*** PROVIDED ENTRIES Section Begins ***

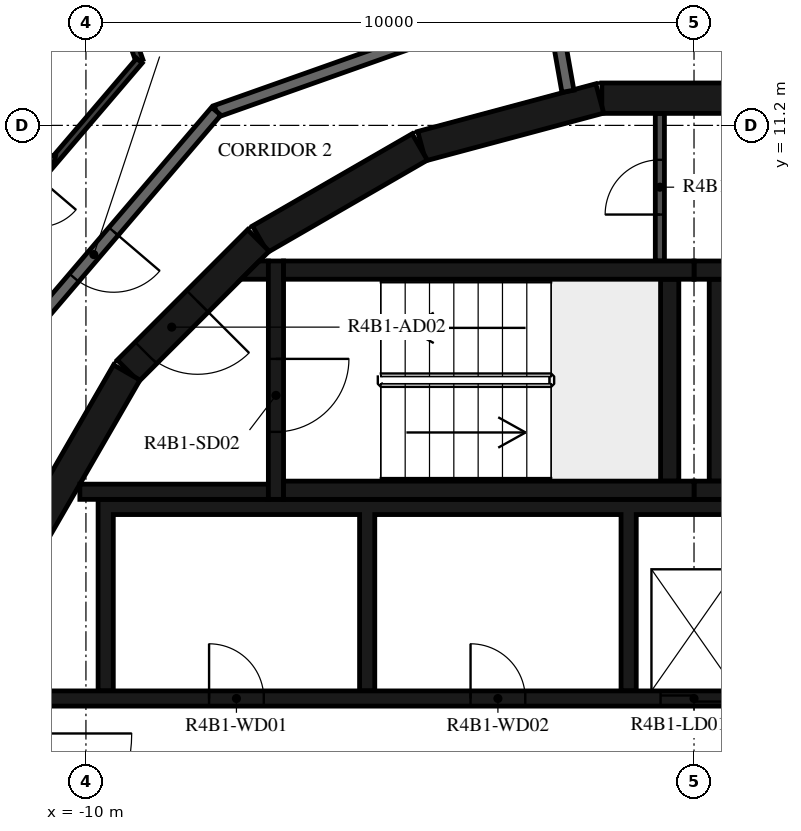
"""IFC4 building model, lengths in metres.
Left out: names, types, materials, properties, quantities, classifications, styles, units other than length and angle.
Written with IfcOpenShell. Run it as: python <this file> out.ifc"""

import sys

from ifc_helpers import new_model, si_unit, direction, frame, frame_2d, origin, place, context, subcontext, project, spatial, polyline, rectangle, outline, extrude, element, fill, save


model = new_model("IFC4")
c1 = context("Model", 3, precision=1e-05, world=origin(), true_north=direction((0.0, 1.0)))
c2 = subcontext(c1, "Body", "Model", "MODEL_VIEW")
j1 = project(units=[si_unit("LENGTHUNIT", "METRE"), si_unit("PLANEANGLEUNIT", "RADIAN")], contexts=[c1])
p1 = place(None, origin())
s1 = spatial("IfcSite", under=j1, at=p1, CompositionType="ELEMENT")
p2 = place(p1, origin())
s2 = spatial("IfcBuilding", under=s1, at=p2, CompositionType="ELEMENT")
p3 = place(p2, frame((0.0, 0.0, 162.2)))
s3 = spatial("IfcBuildingStorey", under=s2, at=p3, CompositionType="ELEMENT", Elevation=162.2)
for number, where, z_axis, x_axis in (
    (1, (1.516, 11.647, 0.0), (0.0, 0.0, 1.0), (-1.0, 0.0, 0.0)),
    (2, (-1.55, 11.643, 0.0), (0.0, 0.0, 1.0), (-0.966, -0.259, 0.0)),
    (3, (-4.51, 10.845, 0.0), (0.0, 0.0, 1.0), (-0.866, -0.5, 0.0)),
):
    element("IfcWall", number, at=place(p3, frame(where, z_axis=z_axis, x_axis=x_axis)), inside=s3, PredefinedType="SHEAR", context=c2, shape_type="SweptSolid", body=[
        extrude(rectangle(XDim=3.033, YDim=0.5, at=frame_2d((1.516, 0.0))), origin(), (0.0, 0.0, 1.0), 3.12),
    ])
p4 = place(p3, frame((-7.164, 9.308, 0.0), z_axis=(0.0, 0.0, 1.0), x_axis=(-0.707106781187, -0.707106781187, 0.0)))
e4 = element("IfcWall", 4, at=p4, inside=s3, PredefinedType="SHEAR", context=c2, shape_type="SweptSolid", body=[
    extrude(rectangle(XDim=3.032, YDim=0.5, at=frame_2d((1.516, 0.0))), origin(), (0.0, 0.0, 1.0), 3.12),
])
p5 = place(p4, frame((1.416, 0.0, 0.0)))
e5 = element("IfcOpeningElement", 5, at=p5, cuts=e4, PredefinedType="OPENING", context=c2, shape_type="SweptSolid", body=[
    extrude(rectangle(XDim=1.2, YDim=2.1, at=frame_2d((0.6, 1.05))), frame((0.0, 0.26, 0.0), z_axis=(0.0, -1.0, 0.0), x_axis=(1.0, 0.0, 0.0)), (0.0, 0.0, 1.0), 0.52),
])
p6 = place(p3, frame((-9.329, 7.137, 0.0), z_axis=(0.0, 0.0, 1.0), x_axis=(-0.500087131594, -0.865975092491, 0.0)))
e6 = element("IfcWall", 6, at=p6, inside=s3, PredefinedType="SHEAR", context=c2, shape_type="SweptSolid", body=[
    extrude(rectangle(XDim=3.033, YDim=0.5, at=frame_2d((1.516, 0.0))), origin(), (0.0, 0.0, 1.0), 3.12),
])
for number, where, z_axis, x_axis in (
    (7, (0.0, 5.2, 0.0), (0.0, 0.0, 1.0), (1.0, 0.0, 0.0)),
    (8, (0.0, 8.82, 0.0), (0.0, 0.0, 1.0), (1.0, 0.0, 0.0)),
):
    element("IfcWall", number, at=place(p3, frame(where, z_axis=z_axis, x_axis=x_axis)), inside=s3, PredefinedType="SHEAR", context=c2, shape_type="SweptSolid", body=[
        extrude(rectangle(XDim=6.75, YDim=0.3, at=frame_2d((3.375, 0.0))), origin(), (0.0, 0.0, 1.0), 3.12),
    ])
p7 = place(p3, frame((0.4, 5.35, 0.0), z_axis=(0.0, 0.0, 1.0), x_axis=(0.0, 1.0, 0.0)))
e9 = element("IfcWall", 9, at=p7, inside=s3, PredefinedType="SHEAR", context=c2, shape_type="SweptSolid", body=[
    extrude(rectangle(XDim=3.32, YDim=0.3, at=frame_2d((1.66, 0.0))), origin(), (0.0, 0.0, 1.0), 3.12),
])
for number, where, z_axis, x_axis in (
    (10, (-6.75, 5.2, 0.0), (0.0, 0.0, 1.0), (1.0, 0.0, 0.0)),
    (11, (-6.75, 8.82, 0.0), (0.0, 0.0, 1.0), (1.0, 0.0, 0.0)),
):
    element("IfcWall", number, at=place(p3, frame(where, z_axis=z_axis, x_axis=x_axis)), inside=s3, PredefinedType="SHEAR", context=c2, shape_type="SweptSolid", body=[
        extrude(rectangle(XDim=6.75, YDim=0.3, at=frame_2d((3.375, 0.0))), origin(), (0.0, 0.0, 1.0), 3.12),
    ])
p8 = place(p3, frame((-0.4, 5.35, 0.0), z_axis=(0.0, 0.0, 1.0), x_axis=(0.0, 1.0, 0.0)))
e12 = element("IfcWall", 12, at=p8, inside=s3, PredefinedType="SHEAR", context=c2, shape_type="SweptSolid", body=[
    extrude(rectangle(XDim=3.32, YDim=0.3, at=frame_2d((1.66, 0.0))), origin(), (0.0, 0.0, 1.0), 3.12),
])
p9 = place(p3, frame((-6.875, 8.97, 0.0), z_axis=(0.0, 0.0, 1.0), x_axis=(0.0, -1.0, 0.0)))
e13 = element("IfcWall", 13, at=p9, inside=s3, PredefinedType="SHEAR", context=c2, shape_type="SweptSolid", body=[
    extrude(rectangle(XDim=3.92, YDim=0.25, at=frame_2d((1.96, 0.0))), origin(), (0.0, 0.0, 1.0), 3.12),
])
p10 = place(p9, frame((1.61, 0.0, 0.0)))
e14 = element("IfcOpeningElement", 14, at=p10, cuts=e13, PredefinedType="OPENING", context=c2, shape_type="SweptSolid", body=[
    extrude(rectangle(XDim=1.2, YDim=2.1, at=frame_2d((0.6, 1.05))), frame((0.0, 0.135, 0.0), z_axis=(0.0, -1.0, 0.0), x_axis=(1.0, 0.0, 0.0)), (0.0, 0.0, 1.0), 0.27),
])
p11 = place(p3, frame((-7.0, 5.175, 0.0), z_axis=(0.0, 0.0, 1.0), x_axis=(-1.0, 0.0, 0.0)))
e15 = element("IfcWall", 15, at=p11, inside=s3, PredefinedType="SHEAR", context=c2, shape_type="SweptSolid", body=[
    extrude(rectangle(XDim=3.1, YDim=0.25, at=frame_2d((1.55, 0.0))), origin(), (0.0, 0.0, 1.0), 3.12),
])
p12 = place(p3, origin())
e16 = element("IfcWall", 16, at=p12, inside=s3, PredefinedType="SHEAR", context=c2, shape_type="SweptSolid", body=[
    extrude(outline(polyline([(-7.148, 8.97), (-7.0, 8.97), (-7.0, 8.67), (-7.448, 8.67), (-7.148, 8.97)])), origin(), (0.0, 0.0, 1.0), 3.12),
])
p13 = place(p3, origin())
e17 = element("IfcWall", 17, at=p13, inside=s3, PredefinedType="SHEAR", context=c2, shape_type="SweptSolid", body=[
    extrude(outline(polyline([(-9.55, 4.8), (-5.5, 4.8), (-5.5, 1.9), (-5.25, 1.9), (-5.25, 4.8), (-1.2, 4.8), (-1.2, 1.9), (-0.95, 1.9), (-0.95, 4.8), (0.95, 4.8), (0.95, 1.9), (1.2, 1.9), (1.2, 4.8), (3.1, 4.8), (3.1, 1.9), (3.35, 1.9), (3.35, 4.8), (5.25, 4.8), (5.25, 1.9), (5.5, 1.9), (5.5, 4.8), (7.4, 4.8), (7.4, 1.9), (7.65, 1.9), (7.65, 4.8), (9.55, 4.8), (9.55, 1.9), (9.8, 1.9), (9.8, 4.8), (9.8, 5.05), (-9.8, 5.05), (-9.8, 4.8), (-9.8, 1.9), (-9.55, 1.9), (-9.55, 4.8)])), origin(), (0.0, 0.0, 1.0), 3.12),
])
p14 = place(p3, frame((-11.28, 1.775, 0.0), z_axis=(0.0, 0.0, 1.0), x_axis=(1.0, 0.0, 0.0)))
e18 = element("IfcWall", 18, at=p14, inside=s3, PredefinedType="SHEAR", context=c2, shape_type="SweptSolid", body=[
    extrude(rectangle(XDim=14.38, YDim=0.25, at=frame_2d((7.19, 0.0))), origin(), (0.0, 0.0, 1.0), 3.12),
])
p15 = place(p14, frame((10.73, 0.0, 0.0)))
e19 = element("IfcOpeningElement", 19, at=p15, cuts=e18, PredefinedType="OPENING", context=c2, shape_type="SweptSolid", body=[
    extrude(rectangle(XDim=1.1, YDim=2.1, at=frame_2d((0.55, 1.05))), frame((0.0, 0.135, 0.0), z_axis=(0.0, -1.0, 0.0), x_axis=(1.0, 0.0, 0.0)), (0.0, 0.0, 1.0), 0.27),
])
p16 = place(p14, frame((12.88, 0.0, 0.0)))
e20 = element("IfcOpeningElement", 20, at=p16, cuts=e18, PredefinedType="OPENING", context=c2, shape_type="SweptSolid", body=[
    extrude(rectangle(XDim=1.1, YDim=2.1, at=frame_2d((0.55, 1.05))), frame((0.0, 0.135, 0.0), z_axis=(0.0, -1.0, 0.0), x_axis=(1.0, 0.0, 0.0)), (0.0, 0.0, 1.0), 0.27),
])
p17 = place(p14, frame((3.305, 0.0, 0.0)))
e21 = element("IfcOpeningElement", 21, at=p17, cuts=e18, PredefinedType="OPENING", context=c2, shape_type="SweptSolid", body=[
    extrude(rectangle(XDim=0.9, YDim=2.1, at=frame_2d((0.45, 1.05))), frame((0.0, 0.135, 0.0), z_axis=(0.0, -1.0, 0.0), x_axis=(1.0, 0.0, 0.0)), (0.0, 0.0, 1.0), 0.27),
])
p18 = place(p14, frame((7.605, 0.0, 0.0)))
e22 = element("IfcOpeningElement", 22, at=p18, cuts=e18, PredefinedType="OPENING", context=c2, shape_type="SweptSolid", body=[
    extrude(rectangle(XDim=0.9, YDim=2.1, at=frame_2d((0.45, 1.05))), frame((0.0, 0.135, 0.0), z_axis=(0.0, -1.0, 0.0), x_axis=(1.0, 0.0, 0.0)), (0.0, 0.0, 1.0), 0.27),
])
p19 = place(p3, frame((-0.562, 8.97, 0.0), z_axis=(0.0, 0.0, 1.0), x_axis=(0.0, 1.0, 0.0)))
e23 = element("IfcWall", 23, at=p19, inside=s3, PredefinedType="PARTITIONING", context=c2, shape_type="SweptSolid", body=[
    extrude(rectangle(XDim=2.427, YDim=0.15, at=frame_2d((1.214, 0.0))), origin(), (0.0, 0.0, 1.0), 3.12),
])
p20 = place(p19, frame((0.764, 0.0, 0.0)))
e24 = element("IfcOpeningElement", 24, at=p20, cuts=e23, PredefinedType="OPENING", context=c2, shape_type="SweptSolid", body=[
    extrude(rectangle(XDim=0.9, YDim=2.1, at=frame_2d((0.45, 1.05))), frame((0.0, 0.085, 0.0), z_axis=(0.0, -1.0, 0.0), x_axis=(1.0, 0.0, 0.0)), (0.0, 0.0, 1.0), 0.17),
])
p21 = place(p3, frame((-2.074, 11.761, 0.0), z_axis=(0.0, 0.0, 1.0), x_axis=(-0.1736412798, 0.984808969267, 0.0)))
e25 = element("IfcWall", 25, at=p21, inside=s3, PredefinedType="STANDARD", context=c2, shape_type="SweptSolid", body=[
    extrude(rectangle(XDim=1.644, YDim=0.2, at=frame_2d((0.822, 0.0))), origin(), (0.0, 0.0, 1.0), 3.12),
])
p22 = place(p3, frame((-2.359, 13.38, 0.0), z_axis=(0.0, 0.0, 1.0), x_axis=(-0.942647529236, -0.333789807551, 0.0)))
e26 = element("IfcWall", 26, at=p22, inside=s3, PredefinedType="STANDARD", context=c2, shape_type="SweptSolid", body=[
    extrude(rectangle(XDim=5.833, YDim=0.2, at=frame_2d((2.917, 0.0))), origin(), (0.0, 0.0, 1.0), 3.12),
])
p23 = place(p3, frame((-7.858, 11.433, 0.0), z_axis=(0.0, 0.0, 1.0), x_axis=(-0.649440801937, -0.760412154545, 0.0)))
e27 = element("IfcWall", 27, at=p23, inside=s3, PredefinedType="STANDARD", context=c2, shape_type="SweptSolid", body=[
    extrude(rectangle(XDim=7.181, YDim=0.2, at=frame_2d((3.59, 0.0))), origin(), (0.0, 0.0, 1.0), 3.12),
])
p24 = place(p23, frame((2.6, 0.0, 0.0)))
e28 = element("IfcOpeningElement", 28, at=p24, cuts=e27, PredefinedType="OPENING", context=c2, shape_type="SweptSolid", body=[
    extrude(rectangle(XDim=1.0, YDim=2.1, at=frame_2d((0.5, 1.05))), frame((0.0, 0.11, 0.0), z_axis=(0.0, -1.0, 0.0), x_axis=(1.0, 0.0, 0.0)), (0.0, 0.0, 1.0), 0.22),
])
p25 = place(p3, frame((-10.402, 15.882, 0.0), z_axis=(0.0, 0.0, 1.0), x_axis=(0.33382476952, -0.942635148536, 0.0)))
e29 = element("IfcWall", 29, at=p25, inside=s3, PredefinedType="PARTITIONING", context=c2, shape_type="SweptSolid", body=[
    extrude(rectangle(XDim=3.838, YDim=0.12, at=frame_2d((1.919, 0.0))), origin(), (0.0, 0.0, 1.0), 3.12),
])
p26 = place(p3, frame((-9.12, 12.264, 0.0), z_axis=(0.0, 0.0, 1.0), x_axis=(-0.649444490942, -0.760409003882, 0.0)))
e30 = element("IfcWall", 30, at=p26, inside=s3, PredefinedType="PARTITIONING", context=c2, shape_type="SweptSolid", body=[
    extrude(rectangle(XDim=7.395, YDim=0.12, at=frame_2d((3.697, 0.0))), origin(), (0.0, 0.0, 1.0), 3.12),
])
p27 = place(p26, frame((2.542, 0.0, 0.0)))
e31 = element("IfcOpeningElement", 31, at=p27, cuts=e30, PredefinedType="OPENING", context=c2, shape_type="SweptSolid", body=[
    extrude(rectangle(XDim=0.8, YDim=2.1, at=frame_2d((0.4, 1.05))), frame((0.0, 0.07, 0.0), z_axis=(0.0, -1.0, 0.0), x_axis=(1.0, 0.0, 0.0)), (0.0, 0.0, 1.0), 0.14),
])
p28 = place(p3, frame((-13.126, 11.12, 0.0), z_axis=(0.0, 0.0, 1.0), x_axis=(0.983257646361, -0.182220747645, 0.0)))
e32 = element("IfcWall", 32, at=p28, inside=s3, PredefinedType="PARTITIONING", context=c2, shape_type="SweptSolid", body=[
    extrude(rectangle(XDim=2.659, YDim=0.12, at=frame_2d((1.33, 0.0))), origin(), (0.0, 0.0, 1.0), 3.12),
])
p29 = place(p10, origin())
e33 = element("IfcDoor", 33, at=p29, inside=s3, OperationType="SINGLE_SWING_LEFT", PredefinedType="DOOR", context=c2, shape_type="SweptSolid", body=[
    extrude(rectangle(XDim=1.2, YDim=2.1, at=frame_2d((0.6, 1.05))), frame((0.0, 0.025, 0.0), z_axis=(0.0, -1.0, 0.0), x_axis=(1.0, 0.0, 0.0)), (0.0, 0.0, 1.0), 0.05),
])
fill(e14, e33)
p30 = place(p5, origin())
e34 = element("IfcDoor", 34, at=p30, inside=s3, OperationType="SINGLE_SWING_RIGHT", PredefinedType="DOOR", context=c2, shape_type="SweptSolid", body=[
    extrude(rectangle(XDim=1.2, YDim=2.1, at=frame_2d((0.6, 1.05))), frame((0.0, 0.025, 0.0), z_axis=(0.0, -1.0, 0.0), x_axis=(1.0, 0.0, 0.0)), (0.0, 0.0, 1.0), 0.05),
])
fill(e5, e34)
p31 = place(p15, origin())
e35 = element("IfcDoor", 35, at=p31, inside=s3, OperationType="DOUBLE_DOOR_SLIDING", PredefinedType="DOOR", context=c2, shape_type="SweptSolid", body=[
    extrude(rectangle(XDim=1.1, YDim=2.1, at=frame_2d((0.55, 1.05))), frame((0.0, 0.025, 0.0), z_axis=(0.0, -1.0, 0.0), x_axis=(1.0, 0.0, 0.0)), (0.0, 0.0, 1.0), 0.05),
])
fill(e19, e35)
p32 = place(p17, origin())
e36 = element("IfcDoor", 36, at=p32, inside=s3, OperationType="SINGLE_SWING_LEFT", PredefinedType="DOOR", context=c2, shape_type="SweptSolid", body=[
    extrude(rectangle(XDim=0.9, YDim=2.1, at=frame_2d((0.45, 1.05))), frame((0.0, 0.025, 0.0), z_axis=(0.0, -1.0, 0.0), x_axis=(1.0, 0.0, 0.0)), (0.0, 0.0, 1.0), 0.05),
])
fill(e21, e36)
p33 = place(p18, origin())
e37 = element("IfcDoor", 37, at=p33, inside=s3, OperationType="SINGLE_SWING_RIGHT", PredefinedType="DOOR", context=c2, shape_type="SweptSolid", body=[
    extrude(rectangle(XDim=0.9, YDim=2.1, at=frame_2d((0.45, 1.05))), frame((0.0, 0.025, 0.0), z_axis=(0.0, -1.0, 0.0), x_axis=(1.0, 0.0, 0.0)), (0.0, 0.0, 1.0), 0.05),
])
fill(e22, e37)
p34 = place(p20, origin())
e38 = element("IfcDoor", 38, at=p34, inside=s3, OperationType="SINGLE_SWING_LEFT", PredefinedType="DOOR", context=c2, shape_type="SweptSolid", body=[
    extrude(rectangle(XDim=0.9, YDim=2.1, at=frame_2d((0.45, 1.05))), frame((0.0, 0.025, 0.0), z_axis=(0.0, -1.0, 0.0), x_axis=(1.0, 0.0, 0.0)), (0.0, 0.0, 1.0), 0.05),
])
fill(e24, e38)
p35 = place(p24, origin())
e39 = element("IfcDoor", 39, at=p35, inside=s3, OperationType="SINGLE_SWING_LEFT", PredefinedType="DOOR", context=c2, shape_type="SweptSolid", body=[
    extrude(rectangle(XDim=1.0, YDim=2.1, at=frame_2d((0.5, 1.05))), frame((0.0, 0.025, 0.0), z_axis=(0.0, -1.0, 0.0), x_axis=(1.0, 0.0, 0.0)), (0.0, 0.0, 1.0), 0.05),
])
fill(e28, e39)
save(model, sys.argv[1])

*** PROVIDED ENTRIES Section Ends ***

### WHAT NEEDS TO BE DONE
A verbatim transcription is needed of the lines above, starting at the line with "p27 = place(p26, frame((2.542, 0.0, 0.0)))" and ending at the line with "p30 = place(p5, origin())", both included, and of nothing else.

### OUTPUT OF THE TASK
p27 = place(p26, frame((2.542, 0.0, 0.0)))
e31 = element("IfcOpeningElement", 31, at=p27, cuts=e30, PredefinedType="OPENING", context=c2, shape_type="SweptSolid", body=[
    extrude(rectangle(XDim=0.8, YDim=2.1, at=frame_2d((0.4, 1.05))), frame((0.0, 0.07, 0.0), z_axis=(0.0, -1.0, 0.0), x_axis=(1.0, 0.0, 0.0)), (0.0, 0.0, 1.0), 0.14),
])
p28 = place(p3, frame((-13.126, 11.12, 0.0), z_axis=(0.0, 0.0, 1.0), x_axis=(0.983257646361, -0.182220747645, 0.0)))
e32 = element("IfcWall", 32, at=p28, inside=s3, PredefinedType="PARTITIONING", context=c2, shape_type="SweptSolid", body=[
    extrude(rectangle(XDim=2.659, YDim=0.12, at=frame_2d((1.33, 0.0))), origin(), (0.0, 0.0, 1.0), 3.12),
])
p29 = place(p10, origin())
e33 = element("IfcDoor", 33, at=p29, inside=s3, OperationType="SINGLE_SWING_LEFT", PredefinedType="DOOR", context=c2, shape_type="SweptSolid", body=[
    extrude(rectangle(XDim=1.2, YDim=2.1, at=frame_2d((0.6, 1.05))), frame((0.0, 0.025, 0.0), z_axis=(0.0, -1.0, 0.0), x_axis=(1.0, 0.0, 0.0)), (0.0, 0.0, 1.0), 0.05),
])
fill(e14, e33)
p30 = place(p5, origin())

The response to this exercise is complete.